(WHAT YOU SHOULD DO)
If a line in the data contains "COLUMN", copy it out.

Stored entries
Start of Block
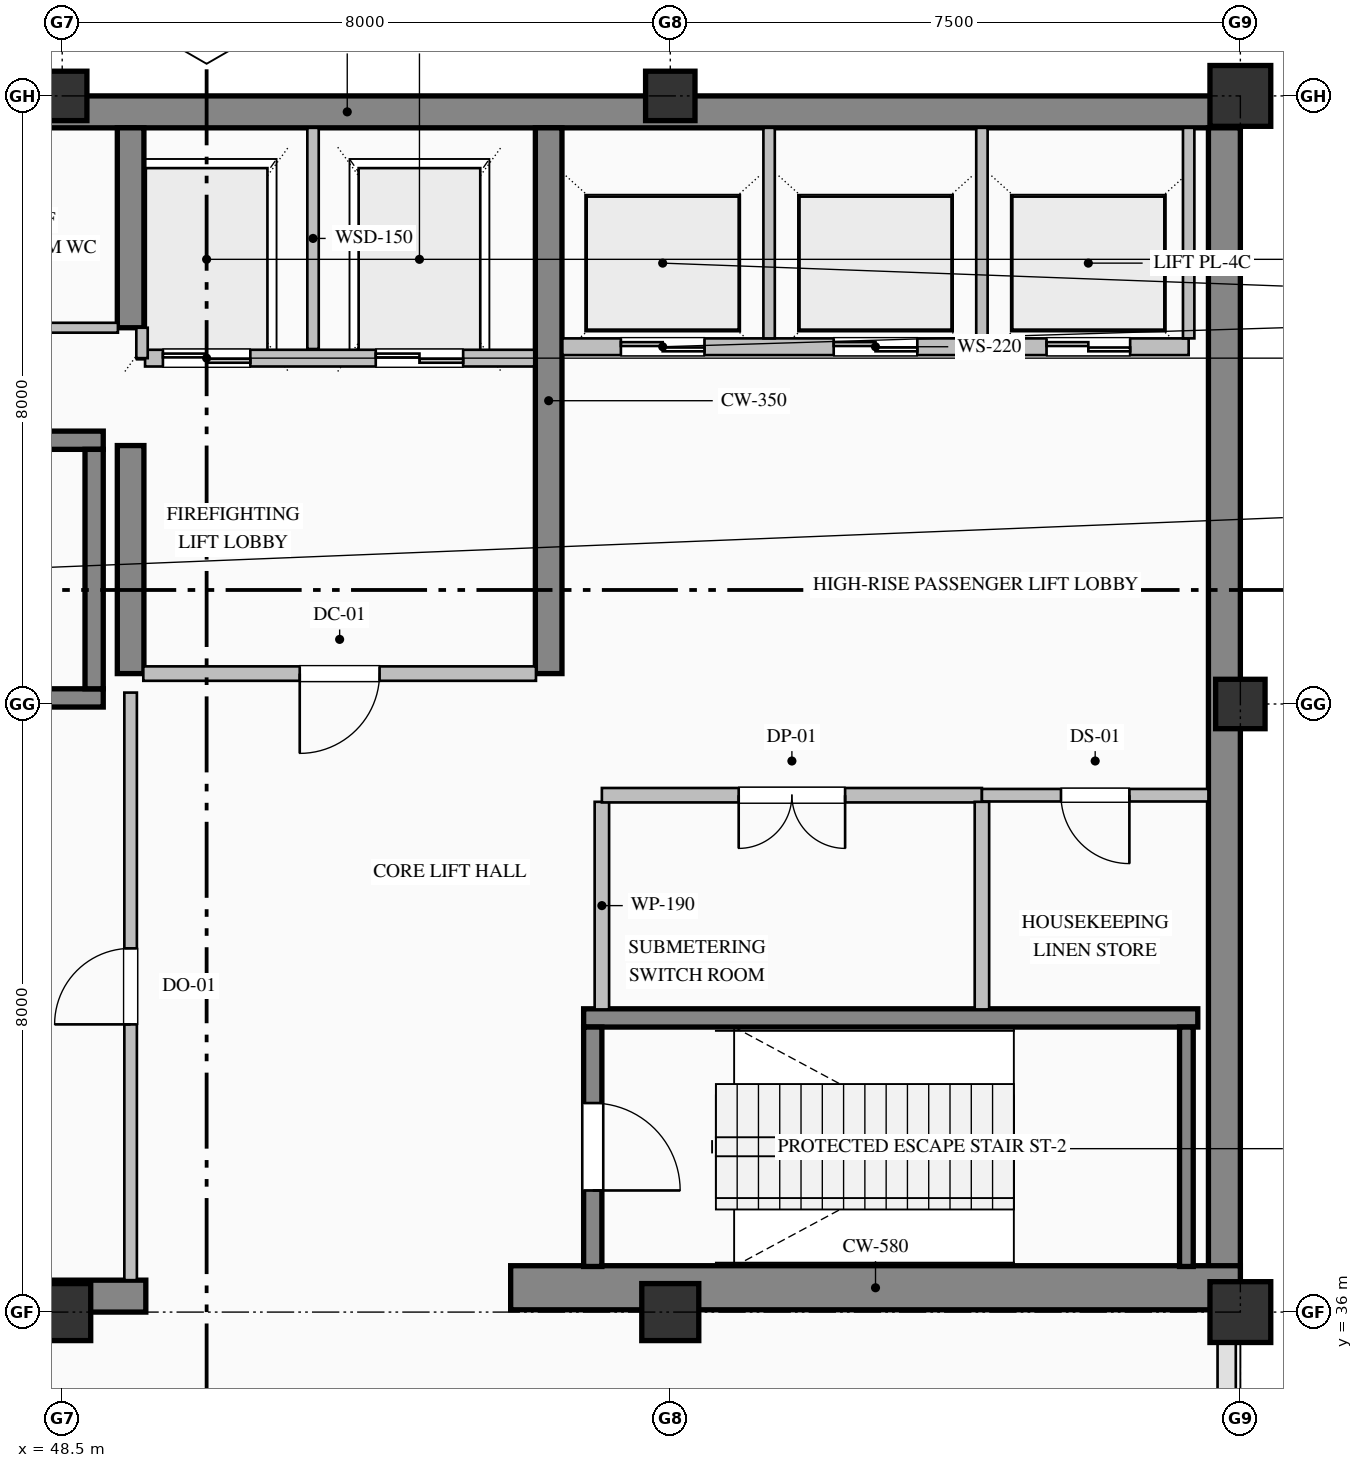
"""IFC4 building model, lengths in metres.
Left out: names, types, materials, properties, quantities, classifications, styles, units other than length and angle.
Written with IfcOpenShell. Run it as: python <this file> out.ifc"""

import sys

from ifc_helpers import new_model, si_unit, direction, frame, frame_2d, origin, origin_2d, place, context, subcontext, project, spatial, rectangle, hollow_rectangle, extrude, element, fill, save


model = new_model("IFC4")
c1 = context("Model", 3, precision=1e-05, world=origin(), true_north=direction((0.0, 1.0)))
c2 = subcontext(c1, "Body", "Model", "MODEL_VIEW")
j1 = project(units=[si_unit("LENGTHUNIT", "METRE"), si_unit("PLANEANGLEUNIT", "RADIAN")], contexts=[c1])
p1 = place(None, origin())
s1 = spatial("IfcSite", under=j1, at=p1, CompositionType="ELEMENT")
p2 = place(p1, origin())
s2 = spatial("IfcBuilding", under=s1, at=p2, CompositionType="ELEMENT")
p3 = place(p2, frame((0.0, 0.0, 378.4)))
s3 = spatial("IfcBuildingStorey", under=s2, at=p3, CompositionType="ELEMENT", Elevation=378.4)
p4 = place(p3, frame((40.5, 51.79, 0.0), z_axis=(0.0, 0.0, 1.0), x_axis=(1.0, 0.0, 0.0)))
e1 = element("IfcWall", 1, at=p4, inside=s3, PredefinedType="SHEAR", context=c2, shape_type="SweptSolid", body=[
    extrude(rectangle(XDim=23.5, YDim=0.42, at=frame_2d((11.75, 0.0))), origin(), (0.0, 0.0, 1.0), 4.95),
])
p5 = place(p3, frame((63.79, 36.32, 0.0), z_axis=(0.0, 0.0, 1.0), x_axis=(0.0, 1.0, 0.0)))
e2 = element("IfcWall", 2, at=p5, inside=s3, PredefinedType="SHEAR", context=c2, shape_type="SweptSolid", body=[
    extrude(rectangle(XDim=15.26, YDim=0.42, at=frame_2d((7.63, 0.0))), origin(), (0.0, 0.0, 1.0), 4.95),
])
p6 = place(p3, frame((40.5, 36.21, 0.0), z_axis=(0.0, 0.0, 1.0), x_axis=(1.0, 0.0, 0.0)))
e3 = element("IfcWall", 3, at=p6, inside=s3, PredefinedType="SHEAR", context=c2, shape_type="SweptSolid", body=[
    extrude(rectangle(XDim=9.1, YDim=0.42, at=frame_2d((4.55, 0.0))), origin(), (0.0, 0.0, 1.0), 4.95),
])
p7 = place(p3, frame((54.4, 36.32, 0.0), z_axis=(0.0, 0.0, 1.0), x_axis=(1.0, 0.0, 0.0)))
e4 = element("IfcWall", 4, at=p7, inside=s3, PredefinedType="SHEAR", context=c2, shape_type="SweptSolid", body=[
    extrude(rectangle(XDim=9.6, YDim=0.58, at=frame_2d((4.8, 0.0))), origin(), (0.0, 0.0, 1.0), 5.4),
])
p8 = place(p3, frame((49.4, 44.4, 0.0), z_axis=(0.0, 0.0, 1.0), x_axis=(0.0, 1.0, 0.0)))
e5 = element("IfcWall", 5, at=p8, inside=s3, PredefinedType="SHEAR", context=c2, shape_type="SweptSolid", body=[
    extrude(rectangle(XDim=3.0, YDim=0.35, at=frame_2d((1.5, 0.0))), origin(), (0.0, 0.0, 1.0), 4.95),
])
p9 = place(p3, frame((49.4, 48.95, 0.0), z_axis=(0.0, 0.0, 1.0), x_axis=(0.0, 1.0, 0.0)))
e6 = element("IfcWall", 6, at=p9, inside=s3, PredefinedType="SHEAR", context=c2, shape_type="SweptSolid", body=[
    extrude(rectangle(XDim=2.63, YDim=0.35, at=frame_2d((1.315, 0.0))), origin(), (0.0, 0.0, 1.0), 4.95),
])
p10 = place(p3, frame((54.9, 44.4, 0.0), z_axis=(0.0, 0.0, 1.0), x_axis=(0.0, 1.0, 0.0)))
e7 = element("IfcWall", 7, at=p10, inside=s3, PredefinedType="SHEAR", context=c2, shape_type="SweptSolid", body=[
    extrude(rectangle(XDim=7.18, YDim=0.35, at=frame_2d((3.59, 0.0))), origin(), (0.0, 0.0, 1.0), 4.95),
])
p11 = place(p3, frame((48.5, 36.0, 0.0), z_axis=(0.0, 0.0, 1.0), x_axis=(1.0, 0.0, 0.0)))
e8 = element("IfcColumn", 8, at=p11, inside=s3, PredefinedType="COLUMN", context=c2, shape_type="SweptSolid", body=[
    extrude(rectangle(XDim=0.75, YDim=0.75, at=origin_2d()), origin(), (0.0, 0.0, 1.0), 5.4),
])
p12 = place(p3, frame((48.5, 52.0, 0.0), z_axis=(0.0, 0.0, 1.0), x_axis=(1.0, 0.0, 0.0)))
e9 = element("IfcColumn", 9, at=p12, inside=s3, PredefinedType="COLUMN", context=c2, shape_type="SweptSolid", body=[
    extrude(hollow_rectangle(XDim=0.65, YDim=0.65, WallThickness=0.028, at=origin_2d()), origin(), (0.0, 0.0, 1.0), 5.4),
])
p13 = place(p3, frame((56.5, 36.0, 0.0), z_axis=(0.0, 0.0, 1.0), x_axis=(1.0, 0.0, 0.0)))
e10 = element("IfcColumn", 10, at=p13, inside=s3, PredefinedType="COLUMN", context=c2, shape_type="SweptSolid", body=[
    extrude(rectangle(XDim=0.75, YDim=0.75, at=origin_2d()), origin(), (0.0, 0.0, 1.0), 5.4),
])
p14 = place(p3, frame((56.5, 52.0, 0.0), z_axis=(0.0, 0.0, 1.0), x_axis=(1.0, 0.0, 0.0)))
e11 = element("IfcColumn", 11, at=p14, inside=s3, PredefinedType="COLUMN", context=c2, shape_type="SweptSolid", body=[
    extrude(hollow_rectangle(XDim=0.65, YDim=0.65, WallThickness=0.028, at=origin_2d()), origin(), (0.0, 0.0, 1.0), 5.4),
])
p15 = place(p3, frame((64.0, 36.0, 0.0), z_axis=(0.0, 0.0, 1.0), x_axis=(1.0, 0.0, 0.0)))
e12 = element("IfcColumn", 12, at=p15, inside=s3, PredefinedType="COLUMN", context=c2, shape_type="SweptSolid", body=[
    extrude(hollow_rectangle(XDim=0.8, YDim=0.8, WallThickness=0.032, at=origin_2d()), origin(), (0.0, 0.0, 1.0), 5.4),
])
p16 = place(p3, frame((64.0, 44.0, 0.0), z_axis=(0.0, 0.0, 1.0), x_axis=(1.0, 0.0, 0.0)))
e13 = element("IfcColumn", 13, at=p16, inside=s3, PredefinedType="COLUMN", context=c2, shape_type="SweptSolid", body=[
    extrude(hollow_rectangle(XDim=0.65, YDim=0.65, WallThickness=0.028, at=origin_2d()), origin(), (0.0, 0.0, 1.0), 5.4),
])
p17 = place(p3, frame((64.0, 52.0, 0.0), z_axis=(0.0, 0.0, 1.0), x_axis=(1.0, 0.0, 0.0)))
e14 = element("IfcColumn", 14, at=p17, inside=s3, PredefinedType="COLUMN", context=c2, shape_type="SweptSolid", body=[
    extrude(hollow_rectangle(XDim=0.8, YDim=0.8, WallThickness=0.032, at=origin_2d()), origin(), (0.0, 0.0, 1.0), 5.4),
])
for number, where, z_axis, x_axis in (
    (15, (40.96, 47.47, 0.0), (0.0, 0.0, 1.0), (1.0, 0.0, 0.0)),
End of Block
(ANSWER FOR THIS EXERCISE)
e8 = element("IfcColumn", 8, at=p11, inside=s3, PredefinedType="COLUMN", context=c2, shape_type="SweptSolid", body=[
e9 = element("IfcColumn", 9, at=p12, inside=s3, PredefinedType="COLUMN", context=c2, shape_type="SweptSolid", body=[
e10 = element("IfcColumn", 10, at=p13, inside=s3, PredefinedType="COLUMN", context=c2, shape_type="SweptSolid", body=[
e11 = element("IfcColumn", 11, at=p14, inside=s3, PredefinedType="COLUMN", context=c2, shape_type="SweptSolid", body=[
e12 = element("IfcColumn", 12, at=p15, inside=s3, PredefinedType="COLUMN", context=c2, shape_type="SweptSolid", body=[
e13 = element("IfcColumn", 13, at=p16, inside=s3, PredefinedType="COLUMN", context=c2, shape_type="SweptSolid", body=[
e14 = element("IfcColumn", 14, at=p17, inside=s3, PredefinedType="COLUMN", context=c2, shape_type="SweptSolid", body=[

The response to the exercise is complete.